┌──

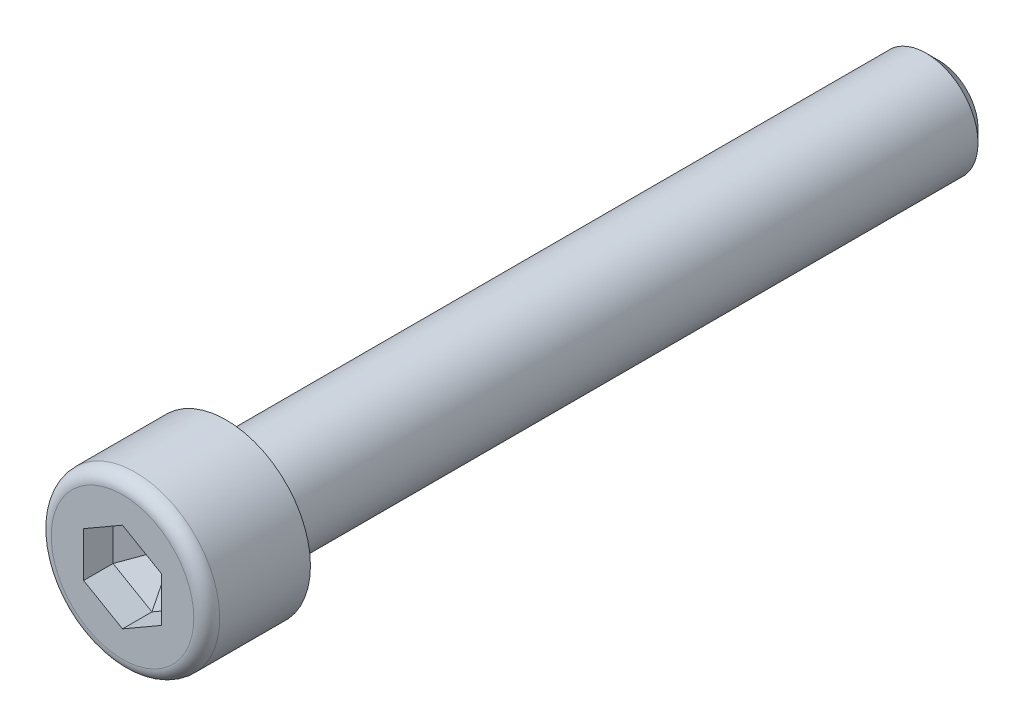
from build123d import *
from OCP.BRepFilletAPI import BRepFilletAPI_MakeChamfer

# Parameters (mm, degrees)
SKETCH1_R           = 6.5
BOSS_EXTRUDE1_DEPTH = 8
CUT_EXTRUDE1_DEPTH  = 4
SKETCH3_R           = 4
BOSS_EXTRUDE2_DEPTH = 55
CHAMFER1_SIZE       = 1
FILLET1_R           = 1
CHAMFER2_SIZE       = 1.729106628
CHAMFER2_SIZE2      = 2.994900532
FILLET2_R           = 0.1


with BuildPart() as part:
    # Sketch1 → Boss-Extrude1 (new body)
    with BuildSketch(Plane.XY):
        Circle(SKETCH1_R)
    extrude(amount=BOSS_EXTRUDE1_DEPTH)

    # Sketch2 → Cut-Extrude1 (cut)
    with BuildSketch(Plane.XY.offset(8)):
        Polygon((3, 1.732050808), (0, 3.464101615), (-3, 1.732050808), (-3, -1.732050808), (0, -3.464101615), (3, -1.732050808), align=None)
    extrude(amount=-CUT_EXTRUDE1_DEPTH, mode=Mode.SUBTRACT)

    # Sketch3 → Boss-Extrude2 (add)
    with BuildSketch(Plane(origin=(0, 0, 0), x_dir=(-1, 0, 0), z_dir=(0, 0, -1))):
        with Locations(Location((0, 0, 0), (0, 0, 180))):
            Circle(SKETCH3_R)
    extrude(amount=BOSS_EXTRUDE2_DEPTH)

    # Chamfer1
    chamfer1_edges = [part.edges().sort_by_distance(p)[0] for p in [
        (-4, 0, -55),
    ]]
    chamfer(chamfer1_edges, length=CHAMFER1_SIZE)

    # Fillet1
    fillet1_edges = [part.edges().sort_by_distance(p)[0] for p in [
        (-6.5, 0, 8),
    ]]
    fillet(fillet1_edges, radius=FILLET1_R)

    # Chamfer2: one chamfer whose edges measure the first distance from different faces: ONE call of the kernel's chamfer builder (chamfer() names one face for all edges)
    chamfer2_edges_1 = [part.edges().sort_by_distance(p)[0] for p in [
        (-1.5, 2.598076211, 4),
    ]]
    chamfer2_side_1 = [part.faces().sort_by_distance(p)[0] for p in [
        (-1.5, 2.598076211, 6),
    ]]
    chamfer2_edges_2 = [part.edges().sort_by_distance(p)[0] for p in [
        (1.5, 2.598076211, 4),
    ]]
    chamfer2_side_2 = [part.faces().sort_by_distance(p)[0] for p in [
        (1.5, 2.598076211, 6),
    ]]
    chamfer2_edges_3 = [part.edges().sort_by_distance(p)[0] for p in [
        (3, 0, 4),
    ]]
    chamfer2_side_3 = [part.faces().sort_by_distance(p)[0] for p in [
        (3, 0, 6),
    ]]
    chamfer2_edges_4 = [part.edges().sort_by_distance(p)[0] for p in [
        (1.5, -2.598076211, 4),
    ]]
    chamfer2_side_4 = [part.faces().sort_by_distance(p)[0] for p in [
        (1.5, -2.598076211, 6),
    ]]
    chamfer2_edges_5 = [part.edges().sort_by_distance(p)[0] for p in [
        (-1.5, -2.598076211, 4),
    ]]
    chamfer2_side_5 = [part.faces().sort_by_distance(p)[0] for p in [
        (-1.5, -2.598076211, 6),
    ]]
    chamfer2_edges_6 = [part.edges().sort_by_distance(p)[0] for p in [
        (-3, 0, 4),
    ]]
    chamfer2_side_6 = [part.faces().sort_by_distance(p)[0] for p in [
        (-3, 0, 6),
    ]]
    chamfer2 = BRepFilletAPI_MakeChamfer(part.part.solid().wrapped)
    for e in chamfer2_edges_1:
        chamfer2.Add(CHAMFER2_SIZE, CHAMFER2_SIZE2, e.wrapped, chamfer2_side_1[0].wrapped)  # the first distance lies on this face
    for e in chamfer2_edges_2:
        chamfer2.Add(CHAMFER2_SIZE, CHAMFER2_SIZE2, e.wrapped, chamfer2_side_2[0].wrapped)  # the first distance lies on this face
    for e in chamfer2_edges_3:
        chamfer2.Add(CHAMFER2_SIZE, CHAMFER2_SIZE2, e.wrapped, chamfer2_side_3[0].wrapped)  # the first distance lies on this face
    for e in chamfer2_edges_4:
        chamfer2.Add(CHAMFER2_SIZE, CHAMFER2_SIZE2, e.wrapped, chamfer2_side_4[0].wrapped)  # the first distance lies on this face
    for e in chamfer2_edges_5:
        chamfer2.Add(CHAMFER2_SIZE, CHAMFER2_SIZE2, e.wrapped, chamfer2_side_5[0].wrapped)  # the first distance lies on this face
    for e in chamfer2_edges_6:
        chamfer2.Add(CHAMFER2_SIZE, CHAMFER2_SIZE2, e.wrapped, chamfer2_side_6[0].wrapped)  # the first distance lies on this face
    add(Compound.cast(chamfer2.Shape()), mode=Mode.REPLACE)

    # Fillet2
    fillet2_edges = [part.edges().sort_by_distance(p)[0] for p in [
        (-4, 0, 0),
    ]]
    fillet(fillet2_edges, radius=FILLET2_R)


solid = part.part

└──

TO DO => Print every entry word for word; omit the pictures.

TASK RESPONSE =>
from build123d import *
from OCP.BRepFilletAPI import BRepFilletAPI_MakeChamfer

# Parameters (mm, degrees)
SKETCH1_R           = 6.5
BOSS_EXTRUDE1_DEPTH = 8
CUT_EXTRUDE1_DEPTH  = 4
SKETCH3_R           = 4
BOSS_EXTRUDE2_DEPTH = 55
CHAMFER1_SIZE       = 1
FILLET1_R           = 1
CHAMFER2_SIZE       = 1.729106628
CHAMFER2_SIZE2      = 2.994900532
FILLET2_R           = 0.1


with BuildPart() as part:
    # Sketch1 → Boss-Extrude1 (new body)
    with BuildSketch(Plane.XY):
        Circle(SKETCH1_R)
    extrude(amount=BOSS_EXTRUDE1_DEPTH)

    # Sketch2 → Cut-Extrude1 (cut)
    with BuildSketch(Plane.XY.offset(8)):
        Polygon((3, 1.732050808), (0, 3.464101615), (-3, 1.732050808), (-3, -1.732050808), (0, -3.464101615), (3, -1.732050808), align=None)
    extrude(amount=-CUT_EXTRUDE1_DEPTH, mode=Mode.SUBTRACT)

    # Sketch3 → Boss-Extrude2 (add)
    with BuildSketch(Plane(origin=(0, 0, 0), x_dir=(-1, 0, 0), z_dir=(0, 0, -1))):
        with Locations(Location((0, 0, 0), (0, 0, 180))):
            Circle(SKETCH3_R)
    extrude(amount=BOSS_EXTRUDE2_DEPTH)

    # Chamfer1
    chamfer1_edges = [part.edges().sort_by_distance(p)[0] for p in [
        (-4, 0, -55),
    ]]
    chamfer(chamfer1_edges, length=CHAMFER1_SIZE)

    # Fillet1
    fillet1_edges = [part.edges().sort_by_distance(p)[0] for p in [
        (-6.5, 0, 8),
    ]]
    fillet(fillet1_edges, radius=FILLET1_R)

    # Chamfer2: one chamfer whose edges measure the first distance from different faces: ONE call of the kernel's chamfer builder (chamfer() names one face for all edges)
    chamfer2_edges_1 = [part.edges().sort_by_distance(p)[0] for p in [
        (-1.5, 2.598076211, 4),
    ]]
    chamfer2_side_1 = [part.faces().sort_by_distance(p)[0] for p in [
        (-1.5, 2.598076211, 6),
    ]]
    chamfer2_edges_2 = [part.edges().sort_by_distance(p)[0] for p in [
        (1.5, 2.598076211, 4),
    ]]
    chamfer2_side_2 = [part.faces().sort_by_distance(p)[0] for p in [
        (1.5, 2.598076211, 6),
    ]]
    chamfer2_edges_3 = [part.edges().sort_by_distance(p)[0] for p in [
        (3, 0, 4),
    ]]
    chamfer2_side_3 = [part.faces().sort_by_distance(p)[0] for p in [
        (3, 0, 6),
    ]]
    chamfer2_edges_4 = [part.edges().sort_by_distance(p)[0] for p in [
        (1.5, -2.598076211, 4),
    ]]
    chamfer2_side_4 = [part.faces().sort_by_distance(p)[0] for p in [
        (1.5, -2.598076211, 6),
    ]]
    chamfer2_edges_5 = [part.edges().sort_by_distance(p)[0] for p in [
        (-1.5, -2.598076211, 4),
    ]]
    chamfer2_side_5 = [part.faces().sort_by_distance(p)[0] for p in [
        (-1.5, -2.598076211, 6),
    ]]
    chamfer2_edges_6 = [part.edges().sort_by_distance(p)[0] for p in [
        (-3, 0, 4),
    ]]
    chamfer2_side_6 = [part.faces().sort_by_distance(p)[0] for p in [
        (-3, 0, 6),
    ]]
    chamfer2 = BRepFilletAPI_MakeChamfer(part.part.solid().wrapped)
    for e in chamfer2_edges_1:
        chamfer2.Add(CHAMFER2_SIZE, CHAMFER2_SIZE2, e.wrapped, chamfer2_side_1[0].wrapped)  # the first distance lies on this face
    for e in chamfer2_edges_2:
        chamfer2.Add(CHAMFER2_SIZE, CHAMFER2_SIZE2, e.wrapped, chamfer2_side_2[0].wrapped)  # the first distance lies on this face
    for e in chamfer2_edges_3:
        chamfer2.Add(CHAMFER2_SIZE, CHAMFER2_SIZE2, e.wrapped, chamfer2_side_3[0].wrapped)  # the first distance lies on this face
    for e in chamfer2_edges_4:
        chamfer2.Add(CHAMFER2_SIZE, CHAMFER2_SIZE2, e.wrapped, chamfer2_side_4[0].wrapped)  # the first distance lies on this face
    for e in chamfer2_edges_5:
        chamfer2.Add(CHAMFER2_SIZE, CHAMFER2_SIZE2, e.wrapped, chamfer2_side_5[0].wrapped)  # the first distance lies on this face
    for e in chamfer2_edges_6:
        chamfer2.Add(CHAMFER2_SIZE, CHAMFER2_SIZE2, e.wrapped, chamfer2_side_6[0].wrapped)  # the first distance lies on this face
    add(Compound.cast(chamfer2.Shape()), mode=Mode.REPLACE)

    # Fillet2
    fillet2_edges = [part.edges().sort_by_distance(p)[0] for p in [
        (-4, 0, 0),
    ]]
    fillet(fillet2_edges, radius=FILLET2_R)


solid = part.part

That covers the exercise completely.